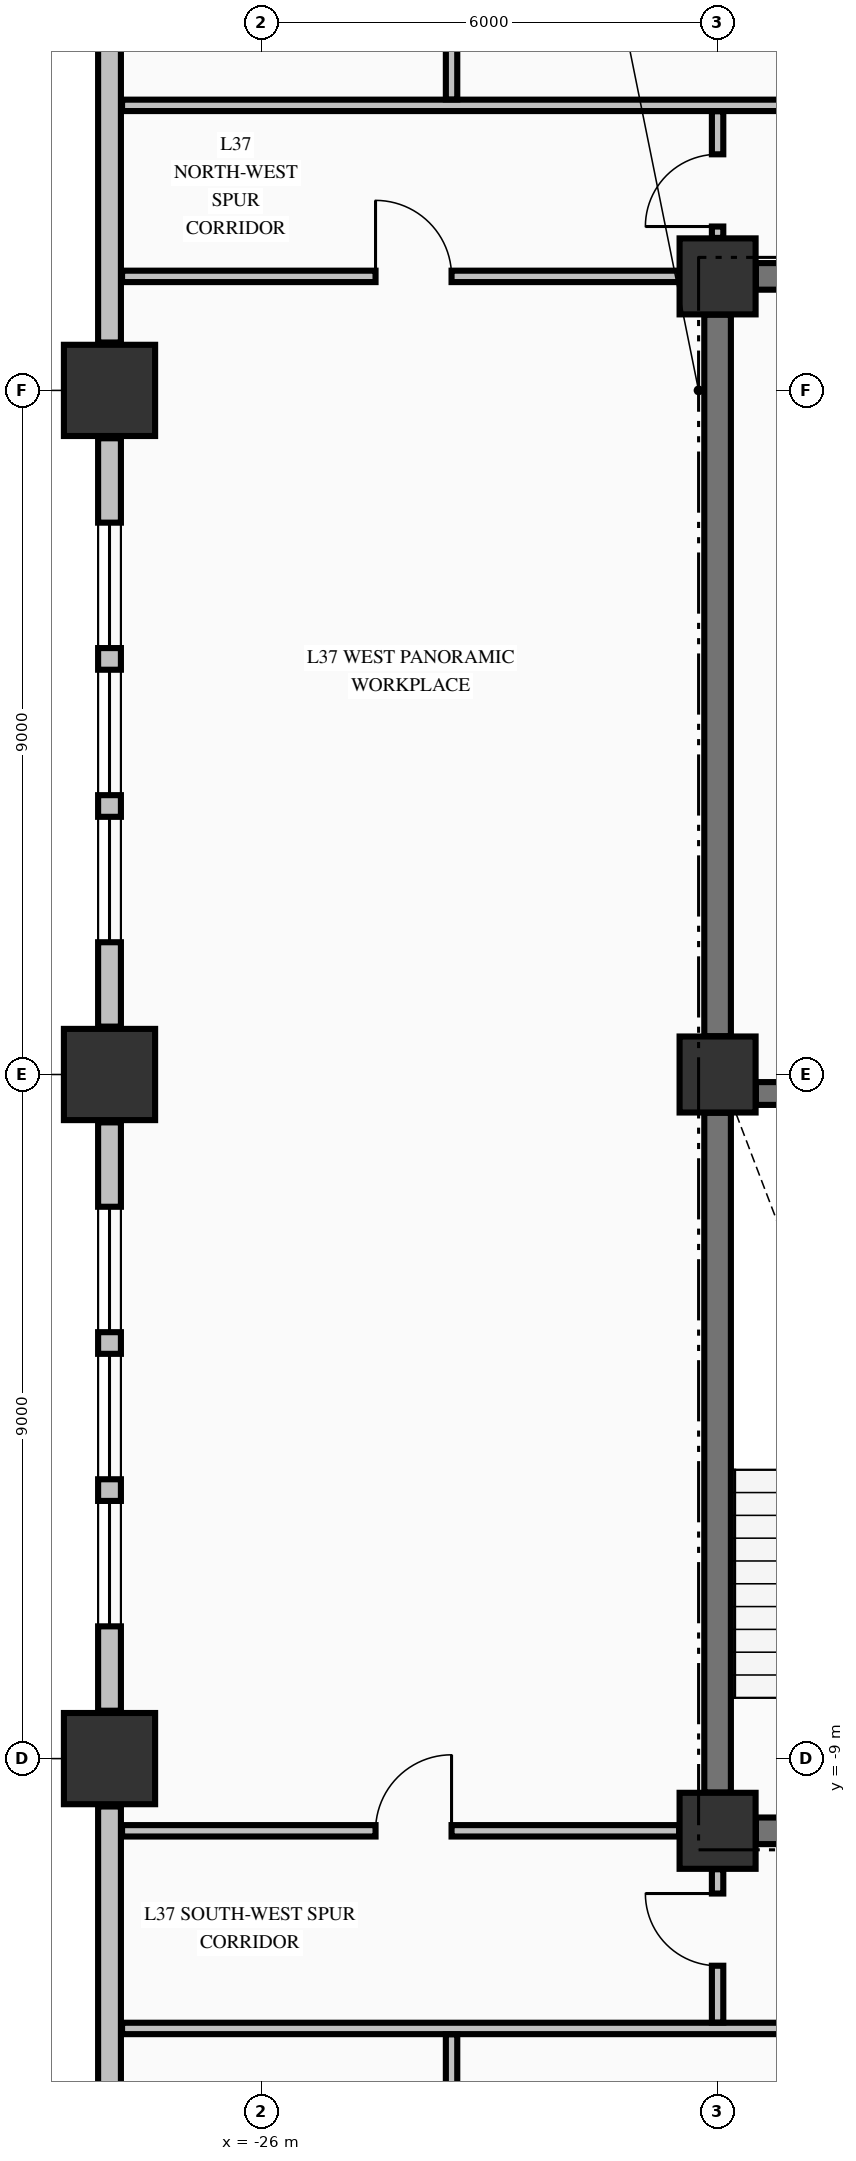
"""IFC4 building model, lengths in metres.
Left out: names, types, materials, properties, quantities, classifications, styles, units other than length and angle.
Written with IfcOpenShell. Run it as: python <this file> out.ifc"""

import sys

from ifc_helpers import new_model, si_unit, direction, frame, frame_2d, origin, origin_2d, place, context, subcontext, project, spatial, rectangle, extrude, element, fill, save


model = new_model("IFC4")
c1 = context("Model", 3, precision=1e-05, world=origin(), true_north=direction((0.0, 1.0)))
c2 = subcontext(c1, "Body", "Model", "MODEL_VIEW")
j1 = project(units=[si_unit("LENGTHUNIT", "METRE"), si_unit("PLANEANGLEUNIT", "RADIAN")], contexts=[c1])
p1 = place(None, origin())
s1 = spatial("IfcSite", under=j1, at=p1, CompositionType="ELEMENT")
p2 = place(p1, origin())
s2 = spatial("IfcBuilding", under=s1, at=p2, CompositionType="ELEMENT")
p3 = place(p2, frame((0.0, 0.0, 146.34)))
s3 = spatial("IfcBuildingStorey", under=s2, at=p3, CompositionType="ELEMENT", Elevation=146.34)
for number, where, z_axis, x_axis in (
    (1, (-28.0, -9.0, -0.25), (0.0, 0.0, 1.0), (1.0, 0.0, 0.0)),
    (2, (-28.0, 0.0, -0.25), (0.0, 0.0, 1.0), (1.0, 0.0, 0.0)),
    (3, (-28.0, 9.0, -0.25), (0.0, 0.0, 1.0), (1.0, 0.0, 0.0)),
):
    element("IfcColumn", number, at=place(p3, frame(where, z_axis=z_axis, x_axis=x_axis)), inside=s3, PredefinedType="COLUMN", context=c2, shape_type="SweptSolid", body=[
        extrude(rectangle(XDim=1.2, YDim=1.2, at=origin_2d()), origin(), (0.0, 0.0, 1.0), 3.57),
    ])
for number, where, z_axis, x_axis in (
    (4, (-20.0, -9.95, -0.25), (0.0, 0.0, 1.0), (1.0, 0.0, 0.0)),
    (5, (-20.0, 10.5, -0.25), (0.0, 0.0, 1.0), (1.0, 0.0, 0.0)),
    (6, (-20.0, 0.0, -0.25), (0.0, 0.0, 1.0), (1.0, 0.0, 0.0)),
):
    element("IfcColumn", number, at=place(p3, frame(where, z_axis=z_axis, x_axis=x_axis)), inside=s3, PredefinedType="COLUMN", context=c2, shape_type="SweptSolid", body=[
        extrude(rectangle(XDim=1.0, YDim=1.0, at=origin_2d()), origin(), (0.0, 0.0, 1.0), 3.57),
    ])
p4 = place(p3, frame((-28.0, -9.63, 0.0), z_axis=(0.0, 0.0, 1.0), x_axis=(0.0, -1.0, 0.0)))
e7 = element("IfcWall", 7, at=p4, inside=s3, PredefinedType="STANDARD", context=c2, shape_type="SweptSolid", body=[
    extrude(rectangle(XDim=10.74, YDim=0.3, at=frame_2d((5.37, 0.0))), origin(), (0.0, 0.0, 1.0), 2.712),
])
p5 = place(p3, frame((-28.0, -0.63, 0.0), z_axis=(0.0, 0.0, 1.0), x_axis=(0.0, -1.0, 0.0)))
e8 = element("IfcWall", 8, at=p5, inside=s3, PredefinedType="STANDARD", context=c2, shape_type="SweptSolid", body=[
    extrude(rectangle(XDim=7.74, YDim=0.3, at=frame_2d((3.87, 0.0))), origin(), (0.0, 0.0, 1.0), 2.712),
])
p6 = place(p5, frame((1.11, 0.0, 0.8)))
e9 = element("IfcOpeningElement", 9, at=p6, cuts=e8, PredefinedType="OPENING", context=c2, shape_type="SweptSolid", body=[
    extrude(rectangle(XDim=1.65, YDim=1.7, at=frame_2d((0.825, 0.85))), frame((0.0, 0.16, 0.0), z_axis=(0.0, -1.0, 0.0), x_axis=(1.0, 0.0, 0.0)), (0.0, 0.0, 1.0), 0.32),
])
p7 = place(p5, frame((3.045, 0.0, 0.8)))
e10 = element("IfcOpeningElement", 10, at=p7, cuts=e8, PredefinedType="OPENING", context=c2, shape_type="SweptSolid", body=[
    extrude(rectangle(XDim=1.65, YDim=1.7, at=frame_2d((0.825, 0.85))), frame((0.0, 0.16, 0.0), z_axis=(0.0, -1.0, 0.0), x_axis=(1.0, 0.0, 0.0)), (0.0, 0.0, 1.0), 0.32),
])
p8 = place(p5, frame((4.98, 0.0, 0.8)))
e11 = element("IfcOpeningElement", 11, at=p8, cuts=e8, PredefinedType="OPENING", context=c2, shape_type="SweptSolid", body=[
    extrude(rectangle(XDim=1.65, YDim=1.7, at=frame_2d((0.825, 0.85))), frame((0.0, 0.16, 0.0), z_axis=(0.0, -1.0, 0.0), x_axis=(1.0, 0.0, 0.0)), (0.0, 0.0, 1.0), 0.32),
])
p9 = place(p3, frame((-28.0, 8.37, 0.0), z_axis=(0.0, 0.0, 1.0), x_axis=(0.0, -1.0, 0.0)))
e12 = element("IfcWall", 12, at=p9, inside=s3, PredefinedType="STANDARD", context=c2, shape_type="SweptSolid", body=[
    extrude(rectangle(XDim=7.74, YDim=0.3, at=frame_2d((3.87, 0.0))), origin(), (0.0, 0.0, 1.0), 2.712),
])
p10 = place(p9, frame((1.11, 0.0, 0.8)))
e13 = element("IfcOpeningElement", 13, at=p10, cuts=e12, PredefinedType="OPENING", context=c2, shape_type="SweptSolid", body=[
    extrude(rectangle(XDim=1.65, YDim=1.7, at=frame_2d((0.825, 0.85))), frame((0.0, 0.16, 0.0), z_axis=(0.0, -1.0, 0.0), x_axis=(1.0, 0.0, 0.0)), (0.0, 0.0, 1.0), 0.32),
])
p11 = place(p9, frame((3.045, 0.0, 0.8)))
e14 = element("IfcOpeningElement", 14, at=p11, cuts=e12, PredefinedType="OPENING", context=c2, shape_type="SweptSolid", body=[
    extrude(rectangle(XDim=1.65, YDim=1.7, at=frame_2d((0.825, 0.85))), frame((0.0, 0.16, 0.0), z_axis=(0.0, -1.0, 0.0), x_axis=(1.0, 0.0, 0.0)), (0.0, 0.0, 1.0), 0.32),
])
p12 = place(p9, frame((4.98, 0.0, 0.8)))
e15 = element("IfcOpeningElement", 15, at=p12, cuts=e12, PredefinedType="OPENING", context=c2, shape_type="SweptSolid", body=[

━━━━━━━━

The expected output is the exact run of lines from the line with "p12 = place(p9, frame((4.98, 0.0, 0.8)))" through the last line of the material above.

◆ TASK ANSWER:
p12 = place(p9, frame((4.98, 0.0, 0.8)))
e15 = element("IfcOpeningElement", 15, at=p12, cuts=e12, PredefinedType="OPENING", context=c2, shape_type="SweptSolid", body=[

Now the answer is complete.